▶ _Records from a data collection_:

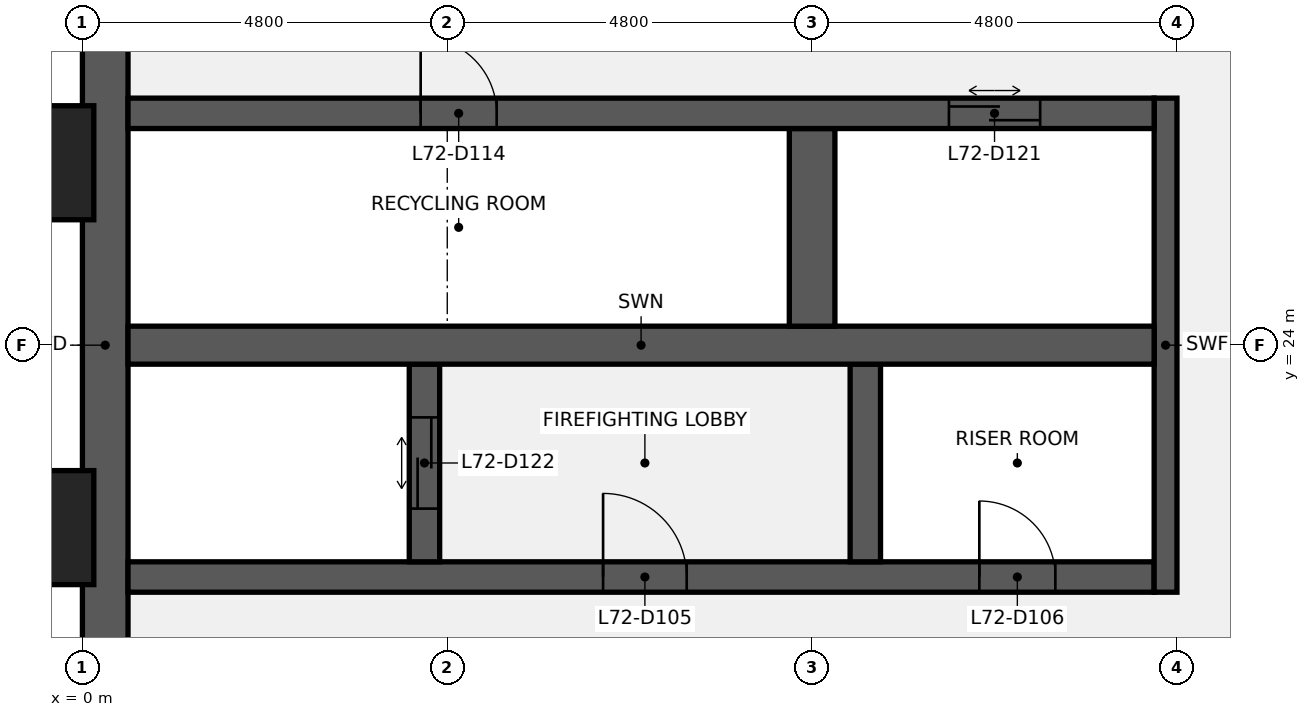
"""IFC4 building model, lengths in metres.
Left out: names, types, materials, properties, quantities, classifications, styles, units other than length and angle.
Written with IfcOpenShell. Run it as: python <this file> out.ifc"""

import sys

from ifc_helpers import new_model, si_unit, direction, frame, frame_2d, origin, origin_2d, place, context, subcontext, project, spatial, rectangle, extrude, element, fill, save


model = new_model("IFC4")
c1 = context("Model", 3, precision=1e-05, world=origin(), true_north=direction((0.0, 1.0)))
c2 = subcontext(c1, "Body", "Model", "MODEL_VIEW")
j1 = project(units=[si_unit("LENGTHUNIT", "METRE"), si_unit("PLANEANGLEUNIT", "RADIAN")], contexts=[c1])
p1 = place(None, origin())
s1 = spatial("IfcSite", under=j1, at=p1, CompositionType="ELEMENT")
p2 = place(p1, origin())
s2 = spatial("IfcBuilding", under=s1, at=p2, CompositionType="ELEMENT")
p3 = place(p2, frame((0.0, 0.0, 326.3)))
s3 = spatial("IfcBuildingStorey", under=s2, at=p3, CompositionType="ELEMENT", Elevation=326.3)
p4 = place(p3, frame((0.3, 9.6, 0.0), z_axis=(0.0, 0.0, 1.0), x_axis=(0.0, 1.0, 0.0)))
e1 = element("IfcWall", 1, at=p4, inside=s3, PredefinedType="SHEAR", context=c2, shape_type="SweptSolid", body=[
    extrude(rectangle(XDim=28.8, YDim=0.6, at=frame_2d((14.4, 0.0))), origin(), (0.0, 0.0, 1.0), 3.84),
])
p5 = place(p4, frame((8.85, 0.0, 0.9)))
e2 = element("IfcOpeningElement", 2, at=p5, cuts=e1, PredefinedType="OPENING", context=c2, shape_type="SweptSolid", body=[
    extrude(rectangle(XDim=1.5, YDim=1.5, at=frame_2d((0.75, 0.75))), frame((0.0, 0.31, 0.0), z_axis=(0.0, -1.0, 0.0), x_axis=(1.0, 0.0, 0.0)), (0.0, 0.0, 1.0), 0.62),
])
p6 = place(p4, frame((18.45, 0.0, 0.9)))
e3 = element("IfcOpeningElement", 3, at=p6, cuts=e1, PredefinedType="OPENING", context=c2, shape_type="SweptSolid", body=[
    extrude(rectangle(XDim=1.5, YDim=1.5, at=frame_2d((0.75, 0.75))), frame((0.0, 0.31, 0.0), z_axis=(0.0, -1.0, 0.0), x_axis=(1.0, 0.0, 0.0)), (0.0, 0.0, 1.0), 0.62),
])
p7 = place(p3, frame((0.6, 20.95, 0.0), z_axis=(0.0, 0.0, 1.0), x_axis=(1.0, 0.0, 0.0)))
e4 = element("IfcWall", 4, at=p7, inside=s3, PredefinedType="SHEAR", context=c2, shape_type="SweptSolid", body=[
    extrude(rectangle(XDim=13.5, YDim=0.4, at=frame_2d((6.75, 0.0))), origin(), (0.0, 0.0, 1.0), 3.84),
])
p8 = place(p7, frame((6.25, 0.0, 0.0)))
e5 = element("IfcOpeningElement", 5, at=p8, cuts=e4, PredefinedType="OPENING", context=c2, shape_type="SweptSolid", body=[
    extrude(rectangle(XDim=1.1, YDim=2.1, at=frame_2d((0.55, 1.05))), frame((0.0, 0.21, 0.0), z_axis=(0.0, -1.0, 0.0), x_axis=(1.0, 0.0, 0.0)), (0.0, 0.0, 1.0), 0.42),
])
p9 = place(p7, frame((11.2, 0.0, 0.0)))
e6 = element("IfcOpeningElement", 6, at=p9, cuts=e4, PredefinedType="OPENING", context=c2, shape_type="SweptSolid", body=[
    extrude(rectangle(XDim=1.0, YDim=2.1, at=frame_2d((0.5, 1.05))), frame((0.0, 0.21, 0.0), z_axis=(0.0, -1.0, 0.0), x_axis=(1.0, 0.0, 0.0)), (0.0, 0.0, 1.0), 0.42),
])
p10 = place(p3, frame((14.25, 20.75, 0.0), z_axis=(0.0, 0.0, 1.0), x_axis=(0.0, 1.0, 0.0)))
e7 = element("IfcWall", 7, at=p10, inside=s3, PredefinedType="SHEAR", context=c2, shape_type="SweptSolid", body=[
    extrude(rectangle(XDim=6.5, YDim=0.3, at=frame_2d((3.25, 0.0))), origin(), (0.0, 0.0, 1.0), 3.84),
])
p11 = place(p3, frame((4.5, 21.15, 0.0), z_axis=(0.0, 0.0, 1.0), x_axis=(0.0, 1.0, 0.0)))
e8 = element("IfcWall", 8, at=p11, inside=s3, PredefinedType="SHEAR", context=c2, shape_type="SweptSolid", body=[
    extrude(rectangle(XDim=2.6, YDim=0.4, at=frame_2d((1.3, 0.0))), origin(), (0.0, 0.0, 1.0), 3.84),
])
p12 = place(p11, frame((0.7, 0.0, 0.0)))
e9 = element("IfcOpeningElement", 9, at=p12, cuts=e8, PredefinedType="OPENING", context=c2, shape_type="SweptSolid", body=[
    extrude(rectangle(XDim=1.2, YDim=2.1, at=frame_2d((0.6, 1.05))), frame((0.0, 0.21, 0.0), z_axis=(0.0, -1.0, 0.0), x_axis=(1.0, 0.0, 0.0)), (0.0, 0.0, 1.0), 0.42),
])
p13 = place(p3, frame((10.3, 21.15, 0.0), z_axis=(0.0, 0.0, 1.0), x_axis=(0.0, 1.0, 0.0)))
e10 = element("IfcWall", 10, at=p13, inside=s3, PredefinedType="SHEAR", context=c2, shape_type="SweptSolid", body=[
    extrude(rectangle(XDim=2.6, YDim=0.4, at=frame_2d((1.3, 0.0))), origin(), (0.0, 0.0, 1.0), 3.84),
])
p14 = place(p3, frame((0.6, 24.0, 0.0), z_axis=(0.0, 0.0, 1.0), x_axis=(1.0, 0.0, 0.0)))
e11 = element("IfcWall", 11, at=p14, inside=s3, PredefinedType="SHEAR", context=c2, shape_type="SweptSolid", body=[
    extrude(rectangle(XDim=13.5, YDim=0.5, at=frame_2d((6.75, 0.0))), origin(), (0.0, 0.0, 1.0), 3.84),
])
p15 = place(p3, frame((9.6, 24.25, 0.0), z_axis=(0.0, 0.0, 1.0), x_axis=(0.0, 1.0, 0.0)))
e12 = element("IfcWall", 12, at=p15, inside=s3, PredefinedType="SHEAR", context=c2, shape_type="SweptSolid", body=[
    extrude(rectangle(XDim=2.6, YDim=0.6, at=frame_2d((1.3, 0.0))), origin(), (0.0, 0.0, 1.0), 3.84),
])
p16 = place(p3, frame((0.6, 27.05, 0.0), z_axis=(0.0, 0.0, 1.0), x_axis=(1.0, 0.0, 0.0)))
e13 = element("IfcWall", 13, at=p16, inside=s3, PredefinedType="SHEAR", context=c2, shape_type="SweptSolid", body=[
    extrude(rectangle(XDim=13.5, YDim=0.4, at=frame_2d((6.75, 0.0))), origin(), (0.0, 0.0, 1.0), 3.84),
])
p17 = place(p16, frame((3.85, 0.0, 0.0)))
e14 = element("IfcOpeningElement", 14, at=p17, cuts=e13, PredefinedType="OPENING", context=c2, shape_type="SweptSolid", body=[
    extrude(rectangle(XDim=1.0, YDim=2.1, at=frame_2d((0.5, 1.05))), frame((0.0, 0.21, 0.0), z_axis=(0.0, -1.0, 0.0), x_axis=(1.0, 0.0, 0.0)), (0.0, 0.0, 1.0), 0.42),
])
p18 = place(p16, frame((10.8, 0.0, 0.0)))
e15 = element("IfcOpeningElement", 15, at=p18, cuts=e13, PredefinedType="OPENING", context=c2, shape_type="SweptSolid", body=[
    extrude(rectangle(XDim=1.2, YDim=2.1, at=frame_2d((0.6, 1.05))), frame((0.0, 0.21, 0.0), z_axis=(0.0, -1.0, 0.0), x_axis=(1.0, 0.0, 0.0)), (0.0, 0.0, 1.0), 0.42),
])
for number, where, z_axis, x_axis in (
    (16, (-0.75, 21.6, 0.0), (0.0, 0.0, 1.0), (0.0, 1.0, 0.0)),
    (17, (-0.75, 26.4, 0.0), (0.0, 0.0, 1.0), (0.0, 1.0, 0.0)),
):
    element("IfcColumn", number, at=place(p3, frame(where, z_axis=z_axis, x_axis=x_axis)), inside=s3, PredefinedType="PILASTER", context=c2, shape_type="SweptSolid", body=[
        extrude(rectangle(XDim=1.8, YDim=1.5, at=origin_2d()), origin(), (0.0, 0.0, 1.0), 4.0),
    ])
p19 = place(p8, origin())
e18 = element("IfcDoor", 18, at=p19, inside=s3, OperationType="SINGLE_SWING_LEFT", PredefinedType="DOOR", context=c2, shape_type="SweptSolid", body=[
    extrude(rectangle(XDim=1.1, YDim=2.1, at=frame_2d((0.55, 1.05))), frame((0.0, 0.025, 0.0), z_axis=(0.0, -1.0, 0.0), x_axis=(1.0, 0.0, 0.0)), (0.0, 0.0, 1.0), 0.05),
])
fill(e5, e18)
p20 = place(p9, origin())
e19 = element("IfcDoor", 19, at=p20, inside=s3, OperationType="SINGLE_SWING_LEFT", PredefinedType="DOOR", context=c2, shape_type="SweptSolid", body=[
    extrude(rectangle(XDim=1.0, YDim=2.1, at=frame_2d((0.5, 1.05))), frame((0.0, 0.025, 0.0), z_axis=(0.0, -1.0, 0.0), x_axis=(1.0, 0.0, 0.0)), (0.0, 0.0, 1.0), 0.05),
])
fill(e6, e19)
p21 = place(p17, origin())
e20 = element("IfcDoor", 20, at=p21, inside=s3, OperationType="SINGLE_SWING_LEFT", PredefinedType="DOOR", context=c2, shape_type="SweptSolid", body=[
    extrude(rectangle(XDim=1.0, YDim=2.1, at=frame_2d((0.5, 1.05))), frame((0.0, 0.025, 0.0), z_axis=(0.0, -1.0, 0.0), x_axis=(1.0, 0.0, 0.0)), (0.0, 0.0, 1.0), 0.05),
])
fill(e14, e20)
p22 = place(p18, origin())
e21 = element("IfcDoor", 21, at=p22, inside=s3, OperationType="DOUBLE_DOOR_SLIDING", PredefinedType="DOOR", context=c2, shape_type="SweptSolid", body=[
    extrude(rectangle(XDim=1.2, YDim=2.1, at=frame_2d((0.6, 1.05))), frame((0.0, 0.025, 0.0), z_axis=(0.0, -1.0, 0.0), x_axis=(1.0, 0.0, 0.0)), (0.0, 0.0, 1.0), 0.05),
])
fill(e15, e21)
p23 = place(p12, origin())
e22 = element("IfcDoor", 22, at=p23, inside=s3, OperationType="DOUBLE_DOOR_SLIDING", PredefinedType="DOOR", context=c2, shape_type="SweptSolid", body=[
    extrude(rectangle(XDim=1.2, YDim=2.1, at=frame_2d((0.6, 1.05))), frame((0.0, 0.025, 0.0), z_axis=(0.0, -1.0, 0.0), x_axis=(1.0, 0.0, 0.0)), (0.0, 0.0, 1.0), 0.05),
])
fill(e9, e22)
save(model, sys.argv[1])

▶ _YOUR INSTRUCTIONS_: Using the data above, return each line that includes the word "units".

▶ _OUTPUT OF THE EXERCISE_:
Left out: names, types, materials, properties, quantities, classifications, styles, units other than length and angle.
j1 = project(units=[si_unit("LENGTHUNIT", "METRE"), si_unit("PLANEANGLEUNIT", "RADIAN")], contexts=[c1])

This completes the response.